* _Records_
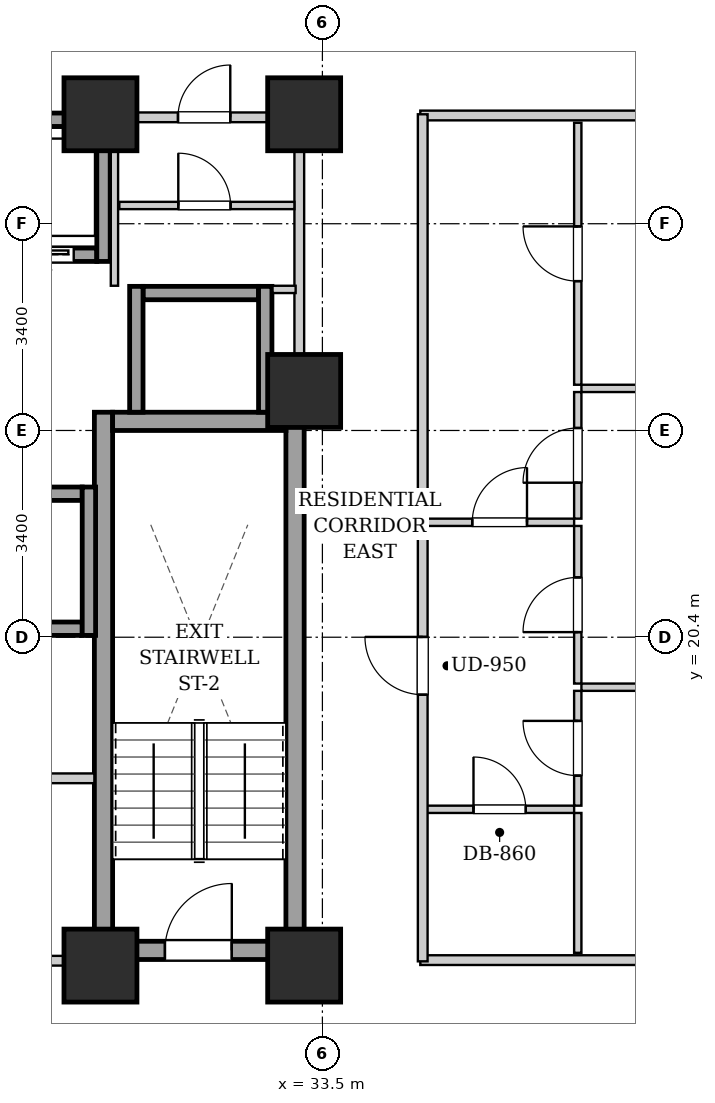
"""IFC4 building model, lengths in metres.
Left out: names, types, materials, properties, quantities, classifications, styles, units other than length and angle.
Written with IfcOpenShell. Run it as: python <this file> out.ifc"""

import sys

from ifc_helpers import new_model, si_unit, direction, frame, frame_2d, origin, origin_2d, place, context, subcontext, project, spatial, rectangle, extrude, element, fill, save


model = new_model("IFC4")
c1 = context("Model", 3, precision=1e-05, world=origin(), true_north=direction((0.0, 1.0)))
c2 = subcontext(c1, "Body", "Model", "MODEL_VIEW")
j1 = project(units=[si_unit("LENGTHUNIT", "METRE"), si_unit("PLANEANGLEUNIT", "RADIAN")], contexts=[c1])
p1 = place(None, origin())
s1 = spatial("IfcSite", under=j1, at=p1, CompositionType="ELEMENT")
p2 = place(p1, origin())
s2 = spatial("IfcBuilding", under=s1, at=p2, CompositionType="ELEMENT")
p3 = place(p2, frame((0.0, 0.0, 61.0)))
s3 = spatial("IfcBuildingStorey", under=s2, at=p3, CompositionType="ELEMENT", Elevation=61.0)
for number, where, z_axis, x_axis in (
    (1, (29.85, 15.0, 0.0), (0.0, 0.0, 1.0), (1.0, 0.0, 0.0)),
    (2, (33.2, 15.0, 0.0), (0.0, 0.0, 1.0), (1.0, 0.0, 0.0)),
    (3, (29.85, 29.0, 0.0), (0.0, 0.0, 1.0), (1.0, 0.0, 0.0)),
    (4, (33.2, 29.0, 0.0), (0.0, 0.0, 1.0), (1.0, 0.0, 0.0)),
    (5, (33.2, 24.45, 0.0), (0.0, 0.0, 1.0), (1.0, 0.0, 0.0)),
):
    element("IfcColumn", number, at=place(p3, frame(where, z_axis=z_axis, x_axis=x_axis)), inside=s3, PredefinedType="COLUMN", context=c2, shape_type="SweptSolid", body=[
        extrude(rectangle(XDim=1.2, YDim=1.2, at=origin_2d()), origin(), (0.0, 0.0, 1.0), 3.2),
    ])
for number, where, z_axis, x_axis in (
    (6, (29.9, 15.1, 0.0), (0.0, 0.0, 1.0), (0.0, 1.0, 0.0)),
    (7, (33.05, 15.1, 0.0), (0.0, 0.0, 1.0), (0.0, 1.0, 0.0)),
):
    element("IfcWall", number, at=place(p3, frame(where, z_axis=z_axis, x_axis=x_axis)), inside=s3, PredefinedType="SHEAR", context=c2, shape_type="SweptSolid", body=[
        extrude(rectangle(XDim=9.0, YDim=0.3, at=frame_2d((4.5, 0.0))), origin(), (0.0, 0.0, 1.0), 2.94),
    ])
p4 = place(p3, frame((30.05, 23.95, 0.0), z_axis=(0.0, 0.0, 1.0), x_axis=(1.0, 0.0, 0.0)))
e8 = element("IfcWall", 8, at=p4, inside=s3, PredefinedType="SHEAR", context=c2, shape_type="SweptSolid", body=[
    extrude(rectangle(XDim=2.85, YDim=0.3, at=frame_2d((1.425, 0.0))), origin(), (0.0, 0.0, 1.0), 2.94),
])
p5 = place(p3, frame((30.05, 15.25, 0.0), z_axis=(0.0, 0.0, 1.0), x_axis=(1.0, 0.0, 0.0)))
e9 = element("IfcWall", 9, at=p5, inside=s3, PredefinedType="SHEAR", context=c2, shape_type="SweptSolid", body=[
    extrude(rectangle(XDim=2.85, YDim=0.3, at=frame_2d((1.425, 0.0))), origin(), (0.0, 0.0, 1.0), 2.94),
])
p6 = place(p5, frame((0.86, 0.0, 0.0)))
e10 = element("IfcOpeningElement", 10, at=p6, cuts=e9, PredefinedType="OPENING", context=c2, shape_type="SweptSolid", body=[
    extrude(rectangle(XDim=1.1, YDim=2.05, at=frame_2d((0.55, 1.025))), frame((0.0, 0.16, 0.0), z_axis=(0.0, -1.0, 0.0), x_axis=(1.0, 0.0, 0.0)), (0.0, 0.0, 1.0), 0.32),
])
p7 = place(p3, frame((27.93, 26.69, 0.0), z_axis=(0.0, 0.0, 1.0), x_axis=(1.0, 0.0, 0.0)))
e11 = element("IfcWall", 11, at=p7, inside=s3, PredefinedType="SHEAR", context=c2, shape_type="SweptSolid", body=[
    extrude(rectangle(XDim=1.86, YDim=0.22, at=frame_2d((0.93, 0.0))), origin(), (0.0, 0.0, 1.0), 2.94),
])
p8 = place(p7, frame((0.38, 0.0, 0.0)))
e12 = element("IfcOpeningElement", 12, at=p8, cuts=e11, PredefinedType="OPENING", context=c2, shape_type="SweptSolid", body=[
    extrude(rectangle(XDim=1.1, YDim=2.15, at=frame_2d((0.55, 1.075))), frame((0.0, 0.12, 0.0), z_axis=(0.0, -1.0, 0.0), x_axis=(1.0, 0.0, 0.0)), (0.0, 0.0, 1.0), 0.24),
])
p9 = place(p3, frame((27.93, 28.91, 0.0), z_axis=(0.0, 0.0, 1.0), x_axis=(1.0, 0.0, 0.0)))
e13 = element("IfcWall", 13, at=p9, inside=s3, PredefinedType="SHEAR", context=c2, shape_type="SweptSolid", body=[
    extrude(rectangle(XDim=1.86, YDim=0.22, at=frame_2d((0.93, 0.0))), origin(), (0.0, 0.0, 1.0), 2.94),
])
p10 = place(p3, frame((29.9, 26.58, 0.0), z_axis=(0.0, 0.0, 1.0), x_axis=(0.0, 1.0, 0.0)))
e14 = element("IfcWall", 14, at=p10, inside=s3, PredefinedType="SHEAR", context=c2, shape_type="SweptSolid", body=[
    extrude(rectangle(XDim=2.44, YDim=0.22, at=frame_2d((1.22, 0.0))), origin(), (0.0, 0.0, 1.0), 2.94),
])
for number, where, z_axis, x_axis in (
    (15, (27.65, 20.54, 0.0), (0.0, 0.0, 1.0), (1.0, 0.0, 0.0)),
    (16, (27.65, 22.76, 0.0), (0.0, 0.0, 1.0), (1.0, 0.0, 0.0)),
):
    element("IfcWall", number, at=place(p3, frame(where, z_axis=z_axis, x_axis=x_axis)), inside=s3, PredefinedType="SHEAR", context=c2, shape_type="SweptSolid", body=[
        extrude(rectangle(XDim=1.9, YDim=0.22, at=frame_2d((0.95, 0.0))), origin(), (0.0, 0.0, 1.0), 2.94),
    ])
p11 = place(p3, frame((29.66, 20.43, 0.0), z_axis=(0.0, 0.0, 1.0), x_axis=(0.0, 1.0, 0.0)))
e17 = element("IfcWall", 17, at=p11, inside=s3, PredefinedType="SHEAR", context=c2, shape_type="SweptSolid", body=[
    extrude(rectangle(XDim=2.44, YDim=0.22, at=frame_2d((1.22, 0.0))), origin(), (0.0, 0.0, 1.0), 2.94),
])
p12 = place(p3, frame((30.55, 26.06, 0.0), z_axis=(0.0, 0.0, 1.0), x_axis=(1.0, 0.0, 0.0)))
e18 = element("IfcWall", 18, at=p12, inside=s3, PredefinedType="SHEAR", context=c2, shape_type="SweptSolid", body=[
    extrude(rectangle(XDim=1.9, YDim=0.22, at=frame_2d((0.95, 0.0))), origin(), (0.0, 0.0, 1.0), 2.94),
])
for number, where, z_axis, x_axis in (
    (19, (30.44, 24.1, 0.0), (0.0, 0.0, 1.0), (0.0, 1.0, 0.0)),
    (20, (32.56, 24.1, 0.0), (0.0, 0.0, 1.0), (0.0, 1.0, 0.0)),
):
    element("IfcWall", number, at=place(p3, frame(where, z_axis=z_axis, x_axis=x_axis)), inside=s3, PredefinedType="SHEAR", context=c2, shape_type="SweptSolid", body=[
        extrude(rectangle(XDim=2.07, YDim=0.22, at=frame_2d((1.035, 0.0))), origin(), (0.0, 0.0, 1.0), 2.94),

* _To do_
Using the records above, restate word for word the lines from the one with "from ifc_helpers import" through the one with "p1 = place(None, origin())", both included.

* _Problem solution_
from ifc_helpers import new_model, si_unit, direction, frame, frame_2d, origin, origin_2d, place, context, subcontext, project, spatial, rectangle, extrude, element, fill, save


model = new_model("IFC4")
c1 = context("Model", 3, precision=1e-05, world=origin(), true_north=direction((0.0, 1.0)))
c2 = subcontext(c1, "Body", "Model", "MODEL_VIEW")
j1 = project(units=[si_unit("LENGTHUNIT", "METRE"), si_unit("PLANEANGLEUNIT", "RADIAN")], contexts=[c1])
p1 = place(None, origin())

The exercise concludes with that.